Source data:
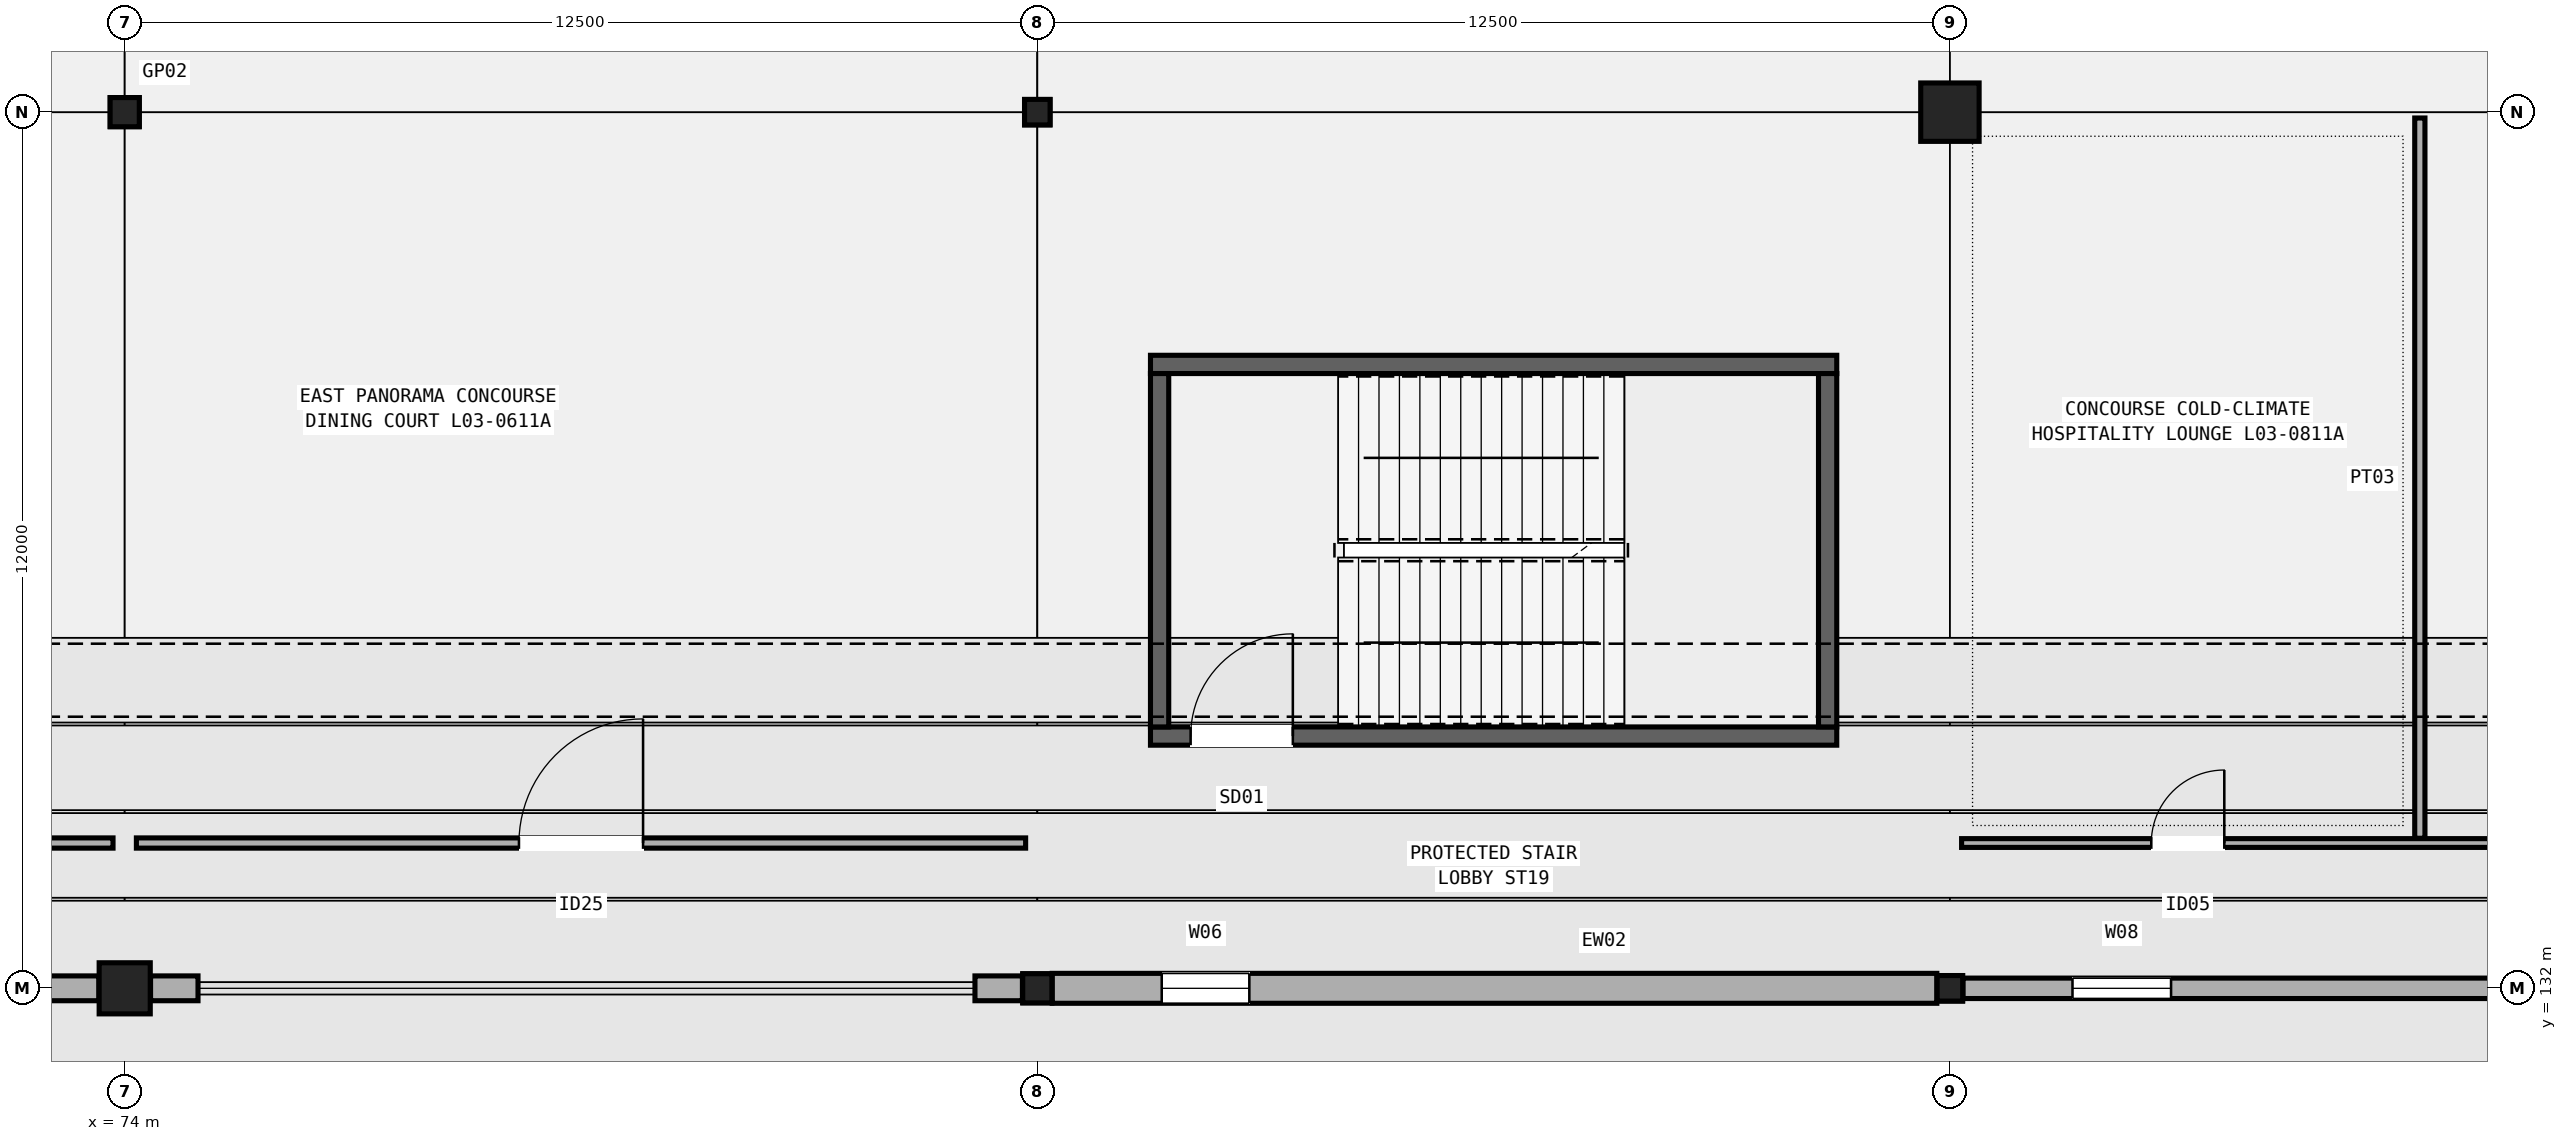
"""IFC4 building model, lengths in metres.
Left out: names, types, materials, properties, quantities, classifications, styles, units other than length and angle.
Written with IfcOpenShell. Run it as: python <this file> out.ifc"""

import sys

from ifc_helpers import new_model, si_unit, direction, frame, frame_2d, origin, origin_2d, place, context, subcontext, project, spatial, rectangle, hollow_rectangle, extrude, element, fill, save


model = new_model("IFC4")
c1 = context("Model", 3, precision=1e-05, world=origin(), true_north=direction((0.0, 1.0)))
c2 = subcontext(c1, "Body", "Model", "MODEL_VIEW")
j1 = project(units=[si_unit("LENGTHUNIT", "METRE"), si_unit("PLANEANGLEUNIT", "RADIAN")], contexts=[c1])
p1 = place(None, origin())
s1 = spatial("IfcSite", under=j1, at=p1, CompositionType="ELEMENT")
p2 = place(p1, origin())
s2 = spatial("IfcBuilding", under=s1, at=p2, CompositionType="ELEMENT")
p3 = place(p2, frame((0.0, 0.0, 15.3)))
s3 = spatial("IfcBuildingStorey", under=s2, at=p3, CompositionType="ELEMENT", Elevation=15.3)
p4 = place(p3, frame((74.0, 132.0, 0.0), z_axis=(0.0, 0.0, 1.0), x_axis=(1.0, 0.0, 0.0)))
e1 = element("IfcColumn", 1, at=p4, inside=s3, PredefinedType="COLUMN", context=c2, shape_type="SweptSolid", body=[
    extrude(rectangle(XDim=0.7, YDim=0.7, at=origin_2d()), origin(), (0.0, 0.0, 1.0), 5.1),
])
for number, where, z_axis, x_axis in (
    (2, (74.0, 144.0, 0.0), (0.0, 0.0, 1.0), (1.0, 0.0, 0.0)),
    (3, (86.5, 132.0, 0.0), (0.0, 0.0, 1.0), (1.0, 0.0, 0.0)),
):
    element("IfcColumn", number, at=place(p3, frame(where, z_axis=z_axis, x_axis=x_axis)), inside=s3, PredefinedType="COLUMN", context=c2, shape_type="SweptSolid", body=[
        extrude(hollow_rectangle(XDim=0.4, YDim=0.4, WallThickness=0.016, InnerFilletRadius=0.016, OuterFilletRadius=0.032, at=origin_2d()), origin(), (0.0, 0.0, 1.0), 5.1),
    ])
for number, where, z_axis, x_axis in (
    (4, (86.5, 144.0, 0.0), (0.0, 0.0, 1.0), (1.0, 0.0, 0.0)),
    (5, (99.0, 132.0, 0.0), (0.0, 0.0, 1.0), (1.0, 0.0, 0.0)),
):
    element("IfcColumn", number, at=place(p3, frame(where, z_axis=z_axis, x_axis=x_axis)), inside=s3, PredefinedType="COLUMN", context=c2, shape_type="SweptSolid", body=[
        extrude(hollow_rectangle(XDim=0.35, YDim=0.35, WallThickness=0.016, InnerFilletRadius=0.016, OuterFilletRadius=0.032, at=origin_2d()), origin(), (0.0, 0.0, 1.0), 5.1),
    ])
p5 = place(p3, frame((99.0, 144.0, 0.0), z_axis=(0.0, 0.0, 1.0), x_axis=(1.0, 0.0, 0.0)))
e6 = element("IfcColumn", 6, at=p5, inside=s3, PredefinedType="COLUMN", context=c2, shape_type="SweptSolid", body=[
    extrude(rectangle(XDim=0.8, YDim=0.8, at=origin_2d()), origin(), (0.0, 0.0, 1.0), 5.1),
])
p6 = place(p3, frame((61.904, 132.0, 0.0), z_axis=(0.0, 0.0, 1.0), x_axis=(1.0, 0.0, 0.0)))
e7 = element("IfcWall", 7, at=p6, inside=s3, PredefinedType="SOLIDWALL", context=c2, shape_type="SweptSolid", body=[
    extrude(rectangle(XDim=11.742, YDim=0.34, at=frame_2d((5.871, 0.0))), origin(), (0.0, 0.0, 1.0), 4.16),
])
p7 = place(p6, frame((1.5, 0.0, 0.95)))
e8 = element("IfcOpeningElement", 8, at=p7, cuts=e7, PredefinedType="OPENING", context=c2, shape_type="SweptSolid", body=[
    extrude(rectangle(XDim=3.6, YDim=2.15, at=frame_2d((1.8, 1.075))), frame((0.0, 0.18, 0.0), z_axis=(0.0, -1.0, 0.0), x_axis=(1.0, 0.0, 0.0)), (0.0, 0.0, 1.0), 0.36),
])
for number, where, z_axis, x_axis in (
    (9, (74.354, 132.0, 0.0), (0.0, 0.0, 1.0), (1.0, 0.0, 0.0)),
    (10, (85.646, 132.0, 0.0), (0.0, 0.0, 1.0), (1.0, 0.0, 0.0)),
):
    element("IfcWall", number, at=place(p3, frame(where, z_axis=z_axis, x_axis=x_axis)), inside=s3, PredefinedType="SOLIDWALL", context=c2, shape_type="SweptSolid", body=[
        extrude(rectangle(XDim=0.65, YDim=0.34, at=frame_2d((0.325, 0.0))), origin(), (0.0, 0.0, 1.0), 4.172),
    ])
p8 = place(p3, frame((86.704, 132.0, 0.0), z_axis=(0.0, 0.0, 1.0), x_axis=(1.0, 0.0, 0.0)))
e11 = element("IfcWall", 11, at=p8, inside=s3, PredefinedType="SOLIDWALL", context=c2, shape_type="SweptSolid", body=[
    extrude(rectangle(XDim=12.117, YDim=0.41, at=frame_2d((6.059, 0.0))), origin(), (0.0, 0.0, 1.0), 4.06),
])
p9 = place(p8, frame((1.5, 0.0, 0.95)))
e12 = element("IfcOpeningElement", 12, at=p9, cuts=e11, PredefinedType="OPENING", context=c2, shape_type="SweptSolid", body=[
    extrude(rectangle(XDim=1.2, YDim=2.3, at=frame_2d((0.6, 1.15))), frame((0.0, 0.215, 0.0), z_axis=(0.0, -1.0, 0.0), x_axis=(1.0, 0.0, 0.0)), (0.0, 0.0, 1.0), 0.43),
])
p10 = place(p3, frame((99.179, 132.0, 0.0), z_axis=(0.0, 0.0, 1.0), x_axis=(1.0, 0.0, 0.0)))
e13 = element("IfcWall", 13, at=p10, inside=s3, PredefinedType="SOLIDWALL", context=c2, shape_type="SweptSolid", body=[
    extrude(rectangle(XDim=12.417, YDim=0.28, at=frame_2d((6.208, 0.0))), origin(), (0.0, 0.0, 1.0), 4.16),
])
p11 = place(p10, frame((1.5, 0.0, 0.95)))
e14 = element("IfcOpeningElement", 14, at=p11, cuts=e13, PredefinedType="OPENING", context=c2, shape_type="SweptSolid", body=[
    extrude(rectangle(XDim=1.35, YDim=2.4, at=frame_2d((0.675, 1.2))), frame((0.0, 0.15, 0.0), z_axis=(0.0, -1.0, 0.0), x_axis=(1.0, 0.0, 0.0)), (0.0, 0.0, 1.0), 0.3),
])
p12 = place(p3, frame((88.05, 135.455, 0.0), z_axis=(0.0, 0.0, 1.0), x_axis=(1.0, 0.0, 0.0)))
e15 = element("IfcWall", 15, at=p12, inside=s3, PredefinedType="SHEAR", context=c2, shape_type="SweptSolid", body=[
    extrude(rectangle(XDim=9.4, YDim=0.25, at=frame_2d((4.7, 0.0))), origin(), (0.0, 0.0, 1.0), 4.86),
])
p13 = place(p12, frame((0.55, 0.0, 0.0)))
e16 = element("IfcOpeningElement", 16, at=p13, cuts=e15, PredefinedType="OPENING", context=c2, shape_type="SweptSolid", body=[
    extrude(rectangle(XDim=1.4, YDim=2.15, at=frame_2d((0.7, 1.075))), frame((0.0, 0.135, 0.0), z_axis=(0.0, -1.0, 0.0), x_axis=(1.0, 0.0, 0.0)), (0.0, 0.0, 1.0), 0.27),
])
p14 = place(p3, frame((88.05, 140.545, 0.0), z_axis=(0.0, 0.0, 1.0), x_axis=(1.0, 0.0, 0.0)))
e17 = element("IfcWall", 17, at=p14, inside=s3, PredefinedType="SHEAR", context=c2, shape_type="SweptSolid", body=[
    extrude(rectangle(XDim=9.4, YDim=0.25, at=frame_2d((4.7, 0.0))), origin(), (0.0, 0.0, 1.0), 4.86),
])
for number, where, z_axis, x_axis in (
    (18, (88.175, 135.58, 0.0), (0.0, 0.0, 1.0), (0.0, 1.0, 0.0)),
    (19, (97.325, 135.58, 0.0), (0.0, 0.0, 1.0), (0.0, 1.0, 0.0)),
):
    element("IfcWall", number, at=place(p3, frame(where, z_axis=z_axis, x_axis=x_axis)), inside=s3, PredefinedType="SHEAR", context=c2, shape_type="SweptSolid", body=[
        extrude(rectangle(XDim=4.84, YDim=0.25, at=frame_2d((2.42, 0.0))), origin(), (0.0, 0.0, 1.0), 4.86),
    ])
p15 = place(p3, frame((61.66, 133.99, 0.0), z_axis=(0.0, 0.0, 1.0), x_axis=(1.0, 0.0, 0.0)))
e20 = element("IfcWall", 20, at=p15, inside=s3, PredefinedType="PARTITIONING", context=c2, shape_type="SweptSolid", body=[
    extrude(rectangle(XDim=12.18, YDim=0.14, at=frame_2d((6.09, 0.0))), origin(), (0.0, 0.0, 1.0), 2.77),
])
p16 = place(p15, frame((2.294, 0.0, 0.0)))
e21 = element("IfcOpeningElement", 21, at=p16, cuts=e20, PredefinedType="OPENING", context=c2, shape_type="SweptSolid", body=[
    extrude(rectangle(XDim=1.36, YDim=2.25, at=frame_2d((0.68, 1.125))), frame((0.0, 0.08, 0.0), z_axis=(0.0, -1.0, 0.0), x_axis=(1.0, 0.0, 0.0)), (0.0, 0.0, 1.0), 0.16),
])
p17 = place(p15, frame((8.445, 0.0, 0.0)))
e22 = element("IfcOpeningElement", 22, at=p17, cuts=e20, PredefinedType="OPENING", context=c2, shape_type="SweptSolid", body=[
    extrude(rectangle(XDim=1.4, YDim=2.24, at=frame_2d((0.7, 1.12))), frame((0.0, 0.08, 0.0), z_axis=(0.0, -1.0, 0.0), x_axis=(1.0, 0.0, 0.0)), (0.0, 0.0, 1.0), 0.16),
])
p18 = place(p3, frame((74.16, 133.99, 0.0), z_axis=(0.0, 0.0, 1.0), x_axis=(1.0, 0.0, 0.0)))
e23 = element("IfcWall", 23, at=p18, inside=s3, PredefinedType="PARTITIONING", context=c2, shape_type="SweptSolid", body=[
    extrude(rectangle(XDim=12.18, YDim=0.14, at=frame_2d((6.09, 0.0))), origin(), (0.0, 0.0, 1.0), 2.77),
])
p19 = place(p18, frame((5.24, 0.0, 0.0)))
e24 = element("IfcOpeningElement", 24, at=p19, cuts=e23, PredefinedType="OPENING", context=c2, shape_type="SweptSolid", body=[
    extrude(rectangle(XDim=1.7, YDim=2.32, at=frame_2d((0.85, 1.16))), frame((0.0, 0.08, 0.0), z_axis=(0.0, -1.0, 0.0), x_axis=(1.0, 0.0, 0.0)), (0.0, 0.0, 1.0), 0.16),
])
p20 = place(p3, frame((99.16, 133.99, 0.0), z_axis=(0.0, 0.0, 1.0), x_axis=(1.0, 0.0, 0.0)))
e25 = element("IfcWall", 25, at=p20, inside=s3, PredefinedType="PARTITIONING", context=c2, shape_type="SweptSolid", body=[
    extrude(rectangle(XDim=12.68, YDim=0.12, at=frame_2d((6.34, 0.0))), origin(), (0.0, 0.0, 1.0), 2.77),
])
p21 = place(p20, frame((2.598, 0.0, 0.0)))
e26 = element("IfcOpeningElement", 26, at=p21, cuts=e25, PredefinedType="OPENING", context=c2, shape_type="SweptSolid", body=[
    extrude(rectangle(XDim=1.0, YDim=2.14, at=frame_2d((0.5, 1.07))), frame((0.0, 0.07, 0.0), z_axis=(0.0, -1.0, 0.0), x_axis=(1.0, 0.0, 0.0)), (0.0, 0.0, 1.0), 0.14),
])
p22 = place(p20, frame((9.003, 0.0, 0.0)))
e27 = element("IfcOpeningElement", 27, at=p22, cuts=e25, PredefinedType="OPENING", context=c2, shape_type="SweptSolid", body=[
    extrude(rectangle(XDim=1.03, YDim=2.12, at=frame_2d((0.515, 1.06))), frame((0.0, 0.07, 0.0), z_axis=(0.0, -1.0, 0.0), x_axis=(1.0, 0.0, 0.0)), (0.0, 0.0, 1.0), 0.14),
])
p23 = place(p3, frame((105.437, 134.055, 0.0), z_axis=(0.0, 0.0, 1.0), x_axis=(0.0, 1.0, 0.0)))
e28 = element("IfcWall", 28, at=p23, inside=s3, PredefinedType="PARTITIONING", context=c2, shape_type="SweptSolid", body=[
    extrude(rectangle(XDim=9.865, YDim=0.14, at=frame_2d((4.933, 0.0))), origin(), (0.0, 0.0, 1.0), 2.77),
])
p24 = place(p9, origin())
e29 = element("IfcWindow", 29, at=p24, inside=s3, PartitioningType="SINGLE_PANEL", PredefinedType="WINDOW", context=c2, shape_type="SweptSolid", body=[
    extrude(rectangle(XDim=1.2, YDim=2.3, at=frame_2d((0.6, 1.15))), frame((0.0, 0.03, 0.0), z_axis=(0.0, -1.0, 0.0), x_axis=(1.0, 0.0, 0.0)), (0.0, 0.0, 1.0), 0.06),
])
fill(e12, e29)
p25 = place(p11, origin())
e30 = element("IfcWindow", 30, at=p25, inside=s3, PartitioningType="SINGLE_PANEL", PredefinedType="WINDOW", context=c2, shape_type="SweptSolid", body=[
    extrude(rectangle(XDim=1.35, YDim=2.4, at=frame_2d((0.675, 1.2))), frame((0.0, 0.03, 0.0), z_axis=(0.0, -1.0, 0.0), x_axis=(1.0, 0.0, 0.0)), (0.0, 0.0, 1.0), 0.06),
])
fill(e14, e30)
p26 = place(p13, origin())
e31 = element("IfcDoor", 31, at=p26, inside=s3, OperationType="SINGLE_SWING_RIGHT", PredefinedType="DOOR", context=c2, shape_type="SweptSolid", body=[
    extrude(rectangle(XDim=1.4, YDim=2.15, at=frame_2d((0.7, 1.075))), frame((0.0, 0.025, 0.0), z_axis=(0.0, -1.0, 0.0), x_axis=(1.0, 0.0, 0.0)), (0.0, 0.0, 1.0), 0.05),
])
fill(e16, e31)
p27 = place(p19, origin())
e32 = element("IfcDoor", 32, at=p27, inside=s3, OperationType="SINGLE_SWING_RIGHT", PredefinedType="DOOR", context=c2, shape_type="SweptSolid", body=[
    extrude(rectangle(XDim=1.7, YDim=2.32, at=frame_2d((0.85, 1.16))), frame((0.0, 0.025, 0.0), z_axis=(0.0, -1.0, 0.0), x_axis=(1.0, 0.0, 0.0)), (0.0, 0.0, 1.0), 0.05),
])
fill(e24, e32)
p28 = place(p21, origin())
e33 = element("IfcDoor", 33, at=p28, inside=s3, OperationType="SINGLE_SWING_RIGHT", PredefinedType="DOOR", context=c2, shape_type="SweptSolid", body=[
    extrude(rectangle(XDim=1.0, YDim=2.14, at=frame_2d((0.5, 1.07))), frame((0.0, 0.025, 0.0), z_axis=(0.0, -1.0, 0.0), x_axis=(1.0, 0.0, 0.0)), (0.0, 0.0, 1.0), 0.05),
])
fill(e26, e33)
save(model, sys.argv[1])

Exercise: In the entries above, how many lines hold "PartitioningType"? Answer with the number alone.

Worked solution: 2